→ WORK INSTRUCTION: Filter the lines below, copying only those with the string "number".

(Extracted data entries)
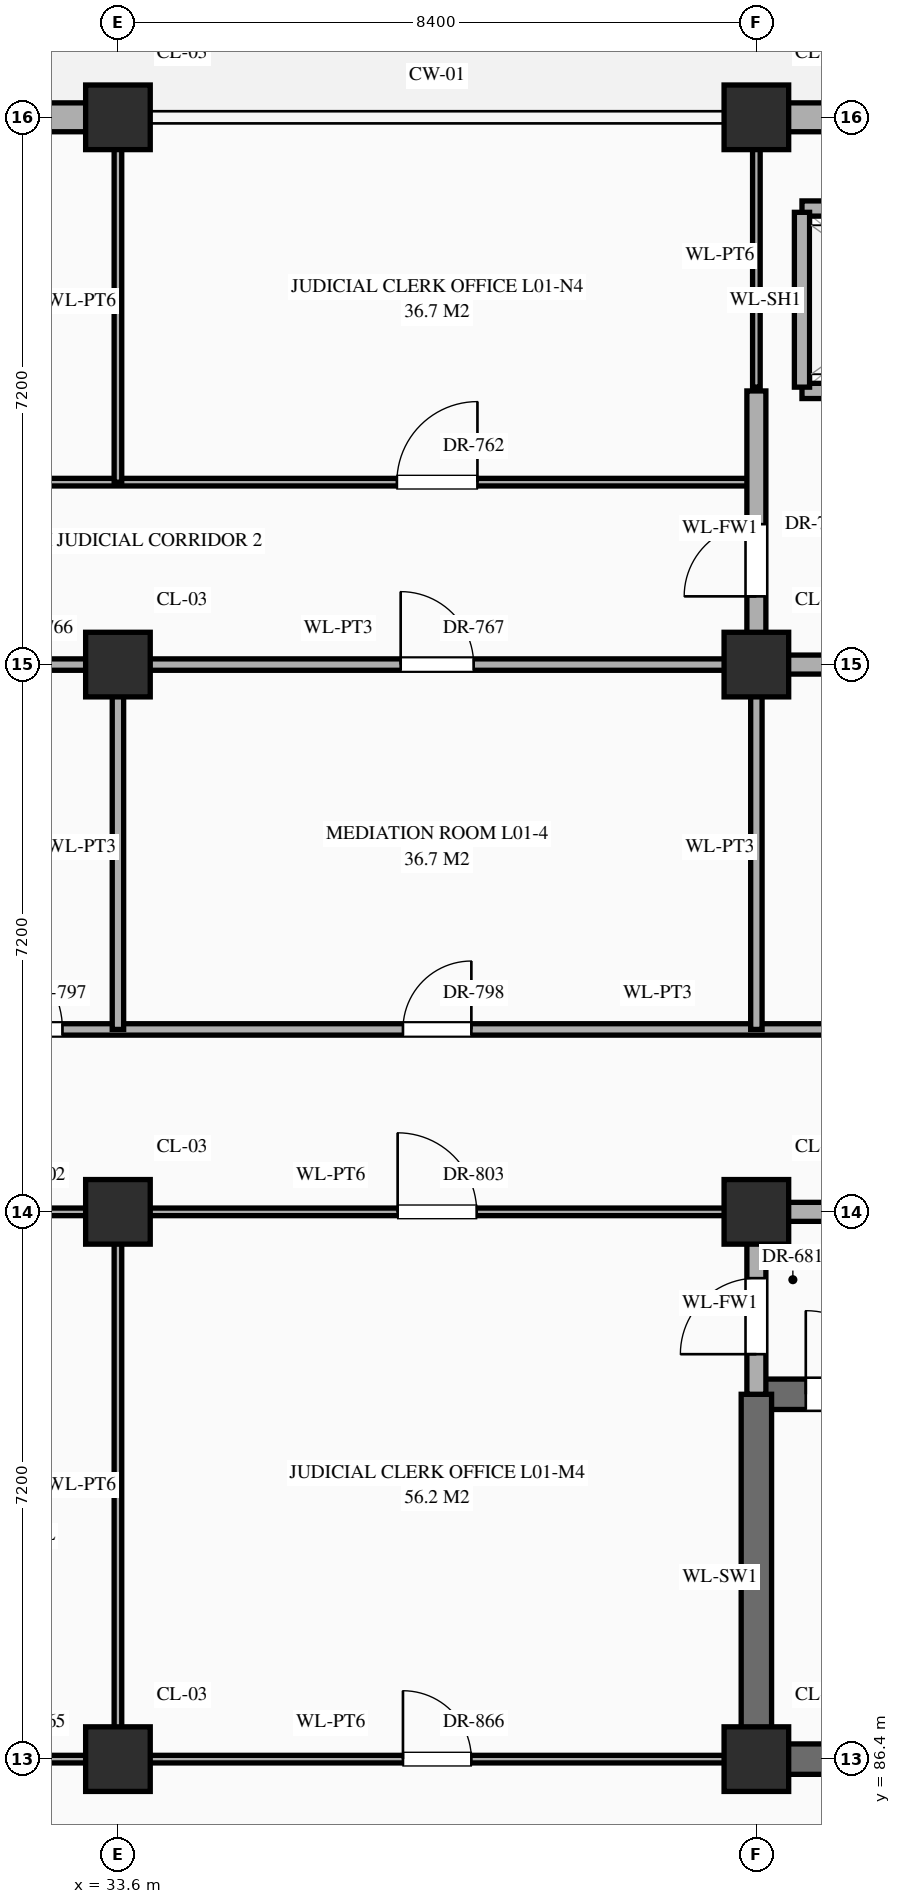
"""IFC4 building model, lengths in metres.
Left out: names, types, materials, properties, quantities, classifications, styles, units other than length and angle.
Written with IfcOpenShell. Run it as: python <this file> out.ifc"""

import sys

from ifc_helpers import new_model, si_unit, direction, frame, frame_2d, origin, origin_2d, place, context, subcontext, project, spatial, rectangle, extrude, element, fill, save


model = new_model("IFC4")
c1 = context("Model", 3, precision=1e-05, world=origin(), true_north=direction((0.0, 1.0)))
c2 = subcontext(c1, "Body", "Model", "MODEL_VIEW")
j1 = project(units=[si_unit("LENGTHUNIT", "METRE"), si_unit("PLANEANGLEUNIT", "RADIAN")], contexts=[c1])
p1 = place(None, origin())
s1 = spatial("IfcSite", under=j1, at=p1, CompositionType="ELEMENT")
p2 = place(p1, origin())
s2 = spatial("IfcBuilding", under=s1, at=p2, CompositionType="ELEMENT")
p3 = place(p2, origin())
s3 = spatial("IfcBuildingStorey", under=s2, at=p3, CompositionType="ELEMENT", Elevation=0.0)
for number, where, z_axis, x_axis in (
    (1, (33.6, 86.4, 0.0), (0.0, 0.0, 1.0), (1.0, 0.0, 0.0)),
    (2, (33.6, 93.6, 0.0), (0.0, 0.0, 1.0), (1.0, 0.0, 0.0)),
    (3, (33.6, 100.8, 0.0), (0.0, 0.0, 1.0), (1.0, 0.0, 0.0)),
    (4, (33.6, 108.0, 0.0), (0.0, 0.0, 1.0), (1.0, 0.0, 0.0)),
    (5, (42.0, 86.4, 0.0), (0.0, 0.0, 1.0), (1.0, 0.0, 0.0)),
    (6, (42.0, 93.6, 0.0), (0.0, 0.0, 1.0), (1.0, 0.0, 0.0)),
    (7, (42.0, 100.8, 0.0), (0.0, 0.0, 1.0), (1.0, 0.0, 0.0)),
    (8, (42.0, 108.0, 0.0), (0.0, 0.0, 1.0), (1.0, 0.0, 0.0)),
):
    element("IfcColumn", number, at=place(p3, frame(where, z_axis=z_axis, x_axis=x_axis)), inside=s3, PredefinedType="COLUMN", context=c2, shape_type="SweptSolid", body=[
        extrude(rectangle(XDim=0.85, YDim=0.85, at=origin_2d()), origin(), (0.0, 0.0, 1.0), 5.4),
    ])
p4 = place(p3, frame((25.62, 108.0, 0.0), z_axis=(0.0, 0.0, 1.0), x_axis=(1.0, 0.0, 0.0)))
e9 = element("IfcWall", 9, at=p4, inside=s3, PredefinedType="STANDARD", context=c2, shape_type="SweptSolid", body=[
    extrude(rectangle(XDim=7.56, YDim=0.38, at=frame_2d((3.78, 0.0))), origin(), (0.0, 0.0, 1.0), 4.47),
])
p5 = place(p4, frame((5.105, 0.0, 0.85)))
e10 = element("IfcOpeningElement", 10, at=p5, cuts=e9, PredefinedType="OPENING", context=c2, shape_type="SweptSolid", body=[
    extrude(rectangle(XDim=1.35, YDim=1.56, at=frame_2d((0.675, 0.78))), frame((0.0, 0.202, 0.0), z_axis=(0.0, -1.0, 0.0), x_axis=(1.0, 0.0, 0.0)), (0.0, 0.0, 1.0), 0.404),
])
p6 = place(p3, frame((42.42, 108.0, 0.0), z_axis=(0.0, 0.0, 1.0), x_axis=(1.0, 0.0, 0.0)))
e11 = element("IfcWall", 11, at=p6, inside=s3, PredefinedType="STANDARD", context=c2, shape_type="SweptSolid", body=[
    extrude(rectangle(XDim=7.535, YDim=0.38, at=frame_2d((3.768, 0.0))), origin(), (0.0, 0.0, 1.0), 4.47),
])
p7 = place(p3, frame((30.8, 86.4, 0.0), z_axis=(0.0, 0.0, 1.0), x_axis=(1.0, 0.0, 0.0)))
e12 = element("IfcWall", 12, at=p7, inside=s3, PredefinedType="STANDARD", context=c2, shape_type="SweptSolid", body=[
    extrude(rectangle(XDim=11.2, YDim=0.1, at=frame_2d((5.6, 0.0))), origin(), (0.0, 0.0, 1.0), 4.27),
])
p8 = place(p7, frame((0.657, 0.0, 0.0)))
e13 = element("IfcOpeningElement", 13, at=p8, cuts=e12, PredefinedType="OPENING", context=c2, shape_type="SweptSolid", body=[
    extrude(rectangle(XDim=1.14, YDim=2.4, at=frame_2d((0.57, 1.2))), frame((0.0, 0.062, 0.0), z_axis=(0.0, -1.0, 0.0), x_axis=(1.0, 0.0, 0.0)), (0.0, 0.0, 1.0), 0.124),
])
p9 = place(p7, frame((6.55, 0.0, 0.0)))
e14 = element("IfcOpeningElement", 14, at=p9, cuts=e12, PredefinedType="OPENING", context=c2, shape_type="SweptSolid", body=[
    extrude(rectangle(XDim=0.9, YDim=2.15, at=frame_2d((0.45, 1.075))), frame((0.0, 0.062, 0.0), z_axis=(0.0, -1.0, 0.0), x_axis=(1.0, 0.0, 0.0)), (0.0, 0.0, 1.0), 0.124),
])
p10 = place(p3, frame((42.0, 86.4, 0.0), z_axis=(0.0, 0.0, 1.0), x_axis=(1.0, 0.0, 0.0)))
e15 = element("IfcWall", 15, at=p10, inside=s3, PredefinedType="SHEAR", context=c2, shape_type="SweptSolid", body=[
    extrude(rectangle(XDim=8.4, YDim=0.4, at=frame_2d((4.2, 0.0))), origin(), (0.0, 0.0, 1.0), 5.12),
])
p11 = place(p3, frame((42.0, 91.2, 0.0), z_axis=(0.0, 0.0, 1.0), x_axis=(1.0, 0.0, 0.0)))
e16 = element("IfcWall", 16, at=p11, inside=s3, PredefinedType="SHEAR", context=c2, shape_type="SweptSolid", body=[
    extrude(rectangle(XDim=8.4, YDim=0.4, at=frame_2d((4.2, 0.0))), origin(), (0.0, 0.0, 1.0), 5.12),
])
p12 = place(p11, frame((0.65, 0.0, 0.0)))
e17 = element("IfcOpeningElement", 17, at=p12, cuts=e16, PredefinedType="OPENING", context=c2, shape_type="SweptSolid", body=[
    extrude(rectangle(XDim=1.1, YDim=2.2, at=frame_2d((0.55, 1.1))), frame((0.0, 0.212, 0.0), z_axis=(0.0, -1.0, 0.0), x_axis=(1.0, 0.0, 0.0)), (0.0, 0.0, 1.0), 0.424),
])
p13 = place(p3, frame((30.8, 93.6, 0.0), z_axis=(0.0, 0.0, 1.0), x_axis=(1.0, 0.0, 0.0)))
e18 = element("IfcWall", 18, at=p13, inside=s3, PredefinedType="STANDARD", context=c2, shape_type="SweptSolid", body=[
    extrude(rectangle(XDim=11.2, YDim=0.1, at=frame_2d((5.6, 0.0))), origin(), (0.0, 0.0, 1.0), 4.27),
])
p14 = place(p13, frame((0.728, 0.0, 0.0)))
e19 = element("IfcOpeningElement", 19, at=p14, cuts=e18, PredefinedType="OPENING", context=c2, shape_type="SweptSolid", body=[
    extrude(rectangle(XDim=1.0, YDim=2.25, at=frame_2d((0.5, 1.125))), frame((0.0, 0.062, 0.0), z_axis=(0.0, -1.0, 0.0), x_axis=(1.0, 0.0, 0.0)), (0.0, 0.0, 1.0), 0.124),
])
p15 = place(p13, frame((6.48, 0.0, 0.0)))
e20 = element("IfcOpeningElement", 20, at=p15, cuts=e18, PredefinedType="OPENING", context=c2, shape_type="SweptSolid", body=[
    extrude(rectangle(XDim=1.04, YDim=2.2, at=frame_2d((0.52, 1.1))), frame((0.0, 0.062, 0.0), z_axis=(0.0, -1.0, 0.0), x_axis=(1.0, 0.0, 0.0)), (0.0, 0.0, 1.0), 0.124),
])
p16 = place(p3, frame((42.0, 93.6, 0.0), z_axis=(0.0, 0.0, 1.0), x_axis=(1.0, 0.0, 0.0)))
e21 = element("IfcWall", 21, at=p16, inside=s3, PredefinedType="STANDARD", context=c2, shape_type="SweptSolid", body=[
    extrude(rectangle(XDim=25.2, YDim=0.25, at=frame_2d((12.6, 0.0))), origin(), (0.0, 0.0, 1.0), 4.27),
])
p17 = place(p16, frame((20.2, 0.0, 0.0)))
e22 = element("IfcOpeningElement", 22, at=p17, cuts=e21, PredefinedType="OPENING", context=c2, shape_type="SweptSolid", body=[
    extrude(rectangle(XDim=1.6, YDim=2.3, at=frame_2d((0.8, 1.15))), frame((0.0, 0.137, 0.0), z_axis=(0.0, -1.0, 0.0), x_axis=(1.0, 0.0, 0.0)), (0.0, 0.0, 1.0), 0.274),
])
p18 = place(p16, frame((3.288, 0.0, 0.0)))
e23 = element("IfcOpeningElement", 23, at=p18, cuts=e21, PredefinedType="OPENING", context=c2, shape_type="SweptSolid", body=[
    extrude(rectangle(XDim=1.8, YDim=2.35, at=frame_2d((0.9, 1.175))), frame((0.0, 0.137, 0.0), z_axis=(0.0, -1.0, 0.0), x_axis=(1.0, 0.0, 0.0)), (0.0, 0.0, 1.0), 0.274),
])
p19 = place(p16, frame((8.985, 0.0, 0.0)))
e24 = element("IfcOpeningElement", 24, at=p19, cuts=e21, PredefinedType="OPENING", context=c2, shape_type="SweptSolid", body=[
    extrude(rectangle(XDim=2.0, YDim=2.4, at=frame_2d((1.0, 1.2))), frame((0.0, 0.137, 0.0), z_axis=(0.0, -1.0, 0.0), x_axis=(1.0, 0.0, 0.0)), (0.0, 0.0, 1.0), 0.274),
])
p20 = place(p16, frame((12.125, 0.0, 0.0)))
e25 = element("IfcOpeningElement", 25, at=p20, cuts=e21, PredefinedType="OPENING", context=c2, shape_type="SweptSolid", body=[
    extrude(rectangle(XDim=0.95, YDim=2.15, at=frame_2d((0.475, 1.075))), frame((0.0, 0.137, 0.0), z_axis=(0.0, -1.0, 0.0), x_axis=(1.0, 0.0, 0.0)), (0.0, 0.0, 1.0), 0.274),
])
p21 = place(p16, frame((14.665, 0.0, 0.0)))
e26 = element("IfcOpeningElement", 26, at=p21, cuts=e21, PredefinedType="OPENING", context=c2, shape_type="SweptSolid", body=[
    extrude(rectangle(XDim=1.1, YDim=2.2, at=frame_2d((0.55, 1.1))), frame((0.0, 0.137, 0.0), z_axis=(0.0, -1.0, 0.0), x_axis=(1.0, 0.0, 0.0)), (0.0, 0.0, 1.0), 0.274),
])
p22 = place(p3, frame((31.0, 96.0, 0.0), z_axis=(0.0, 0.0, 1.0), x_axis=(1.0, 0.0, 0.0)))
e27 = element("IfcWall", 27, at=p22, inside=s3, PredefinedType="STANDARD", context=c2, shape_type="SweptSolid", body=[
    extrude(rectangle(XDim=19.4, YDim=0.15, at=frame_2d((9.7, 0.0))), origin(), (0.0, 0.0, 1.0), 5.12),
])
p23 = place(p22, frame((0.73, 0.0, 0.0)))
e28 = element("IfcOpeningElement", 28, at=p23, cuts=e27, PredefinedType="OPENING", context=c2, shape_type="SweptSolid", body=[
    extrude(rectangle(XDim=1.14, YDim=2.4, at=frame_2d((0.57, 1.2))), frame((0.0, 0.087, 0.0), z_axis=(0.0, -1.0, 0.0), x_axis=(1.0, 0.0, 0.0)), (0.0, 0.0, 1.0), 0.174),
])
p24 = place(p22, frame((6.35, 0.0, 0.0)))
e29 = element("IfcOpeningElement", 29, at=p24, cuts=e27, PredefinedType="OPENING", context=c2, shape_type="SweptSolid", body=[
    extrude(rectangle(XDim=0.9, YDim=2.15, at=frame_2d((0.45, 1.075))), frame((0.0, 0.087, 0.0), z_axis=(0.0, -1.0, 0.0), x_axis=(1.0, 0.0, 0.0)), (0.0, 0.0, 1.0), 0.174),
])
p25 = place(p22, frame((14.77, 0.0, 0.0)))
e30 = element("IfcOpeningElement", 30, at=p25, cuts=e27, PredefinedType="OPENING", context=c2, shape_type="SweptSolid", body=[
    extrude(rectangle(XDim=0.86, YDim=2.1, at=frame_2d((0.43, 1.05))), frame((0.0, 0.087, 0.0), z_axis=(0.0, -1.0, 0.0), x_axis=(1.0, 0.0, 0.0)), (0.0, 0.0, 1.0), 0.174),
])
p26 = place(p3, frame((31.0, 100.8, 0.0), z_axis=(0.0, 0.0, 1.0), x_axis=(1.0, 0.0, 0.0)))
e31 = element("IfcWall", 31, at=p26, inside=s3, PredefinedType="STANDARD", context=c2, shape_type="SweptSolid", body=[
    extrude(rectangle(XDim=11.0, YDim=0.15, at=frame_2d((5.5, 0.0))), origin(), (0.0, 0.0, 1.0), 4.27),
])
p27 = place(p26, frame((0.667, 0.0, 0.0)))
e32 = element("IfcOpeningElement", 32, at=p27, cuts=e31, PredefinedType="OPENING", context=c2, shape_type="SweptSolid", body=[
    extrude(rectangle(XDim=0.92, YDim=2.15, at=frame_2d((0.46, 1.075))), frame((0.0, 0.087, 0.0), z_axis=(0.0, -1.0, 0.0), x_axis=(1.0, 0.0, 0.0)), (0.0, 0.0, 1.0), 0.174),
])
p28 = place(p26, frame((6.32, 0.0, 0.0)))
e33 = element("IfcOpeningElement", 33, at=p28, cuts=e31, PredefinedType="OPENING", context=c2, shape_type="SweptSolid", body=[
    extrude(rectangle(XDim=0.96, YDim=2.2, at=frame_2d((0.48, 1.1))), frame((0.0, 0.087, 0.0), z_axis=(0.0, -1.0, 0.0), x_axis=(1.0, 0.0, 0.0)), (0.0, 0.0, 1.0), 0.174),
])
p29 = place(p3, frame((42.0, 100.8, 0.0), z_axis=(0.0, 0.0, 1.0), x_axis=(1.0, 0.0, 0.0)))
e34 = element("IfcWall", 34, at=p29, inside=s3, PredefinedType="STANDARD", context=c2, shape_type="SweptSolid", body=[
    extrude(rectangle(XDim=4.2, YDim=0.25, at=frame_2d((2.1, 0.0))), origin(), (0.0, 0.0, 1.0), 4.27),
])
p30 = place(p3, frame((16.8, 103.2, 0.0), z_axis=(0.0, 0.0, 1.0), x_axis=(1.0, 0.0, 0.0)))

→ EXERCISE SOLUTION:
for number, where, z_axis, x_axis in (
    element("IfcColumn", number, at=place(p3, frame(where, z_axis=z_axis, x_axis=x_axis)), inside=s3, PredefinedType="COLUMN", context=c2, shape_type="SweptSolid", body=[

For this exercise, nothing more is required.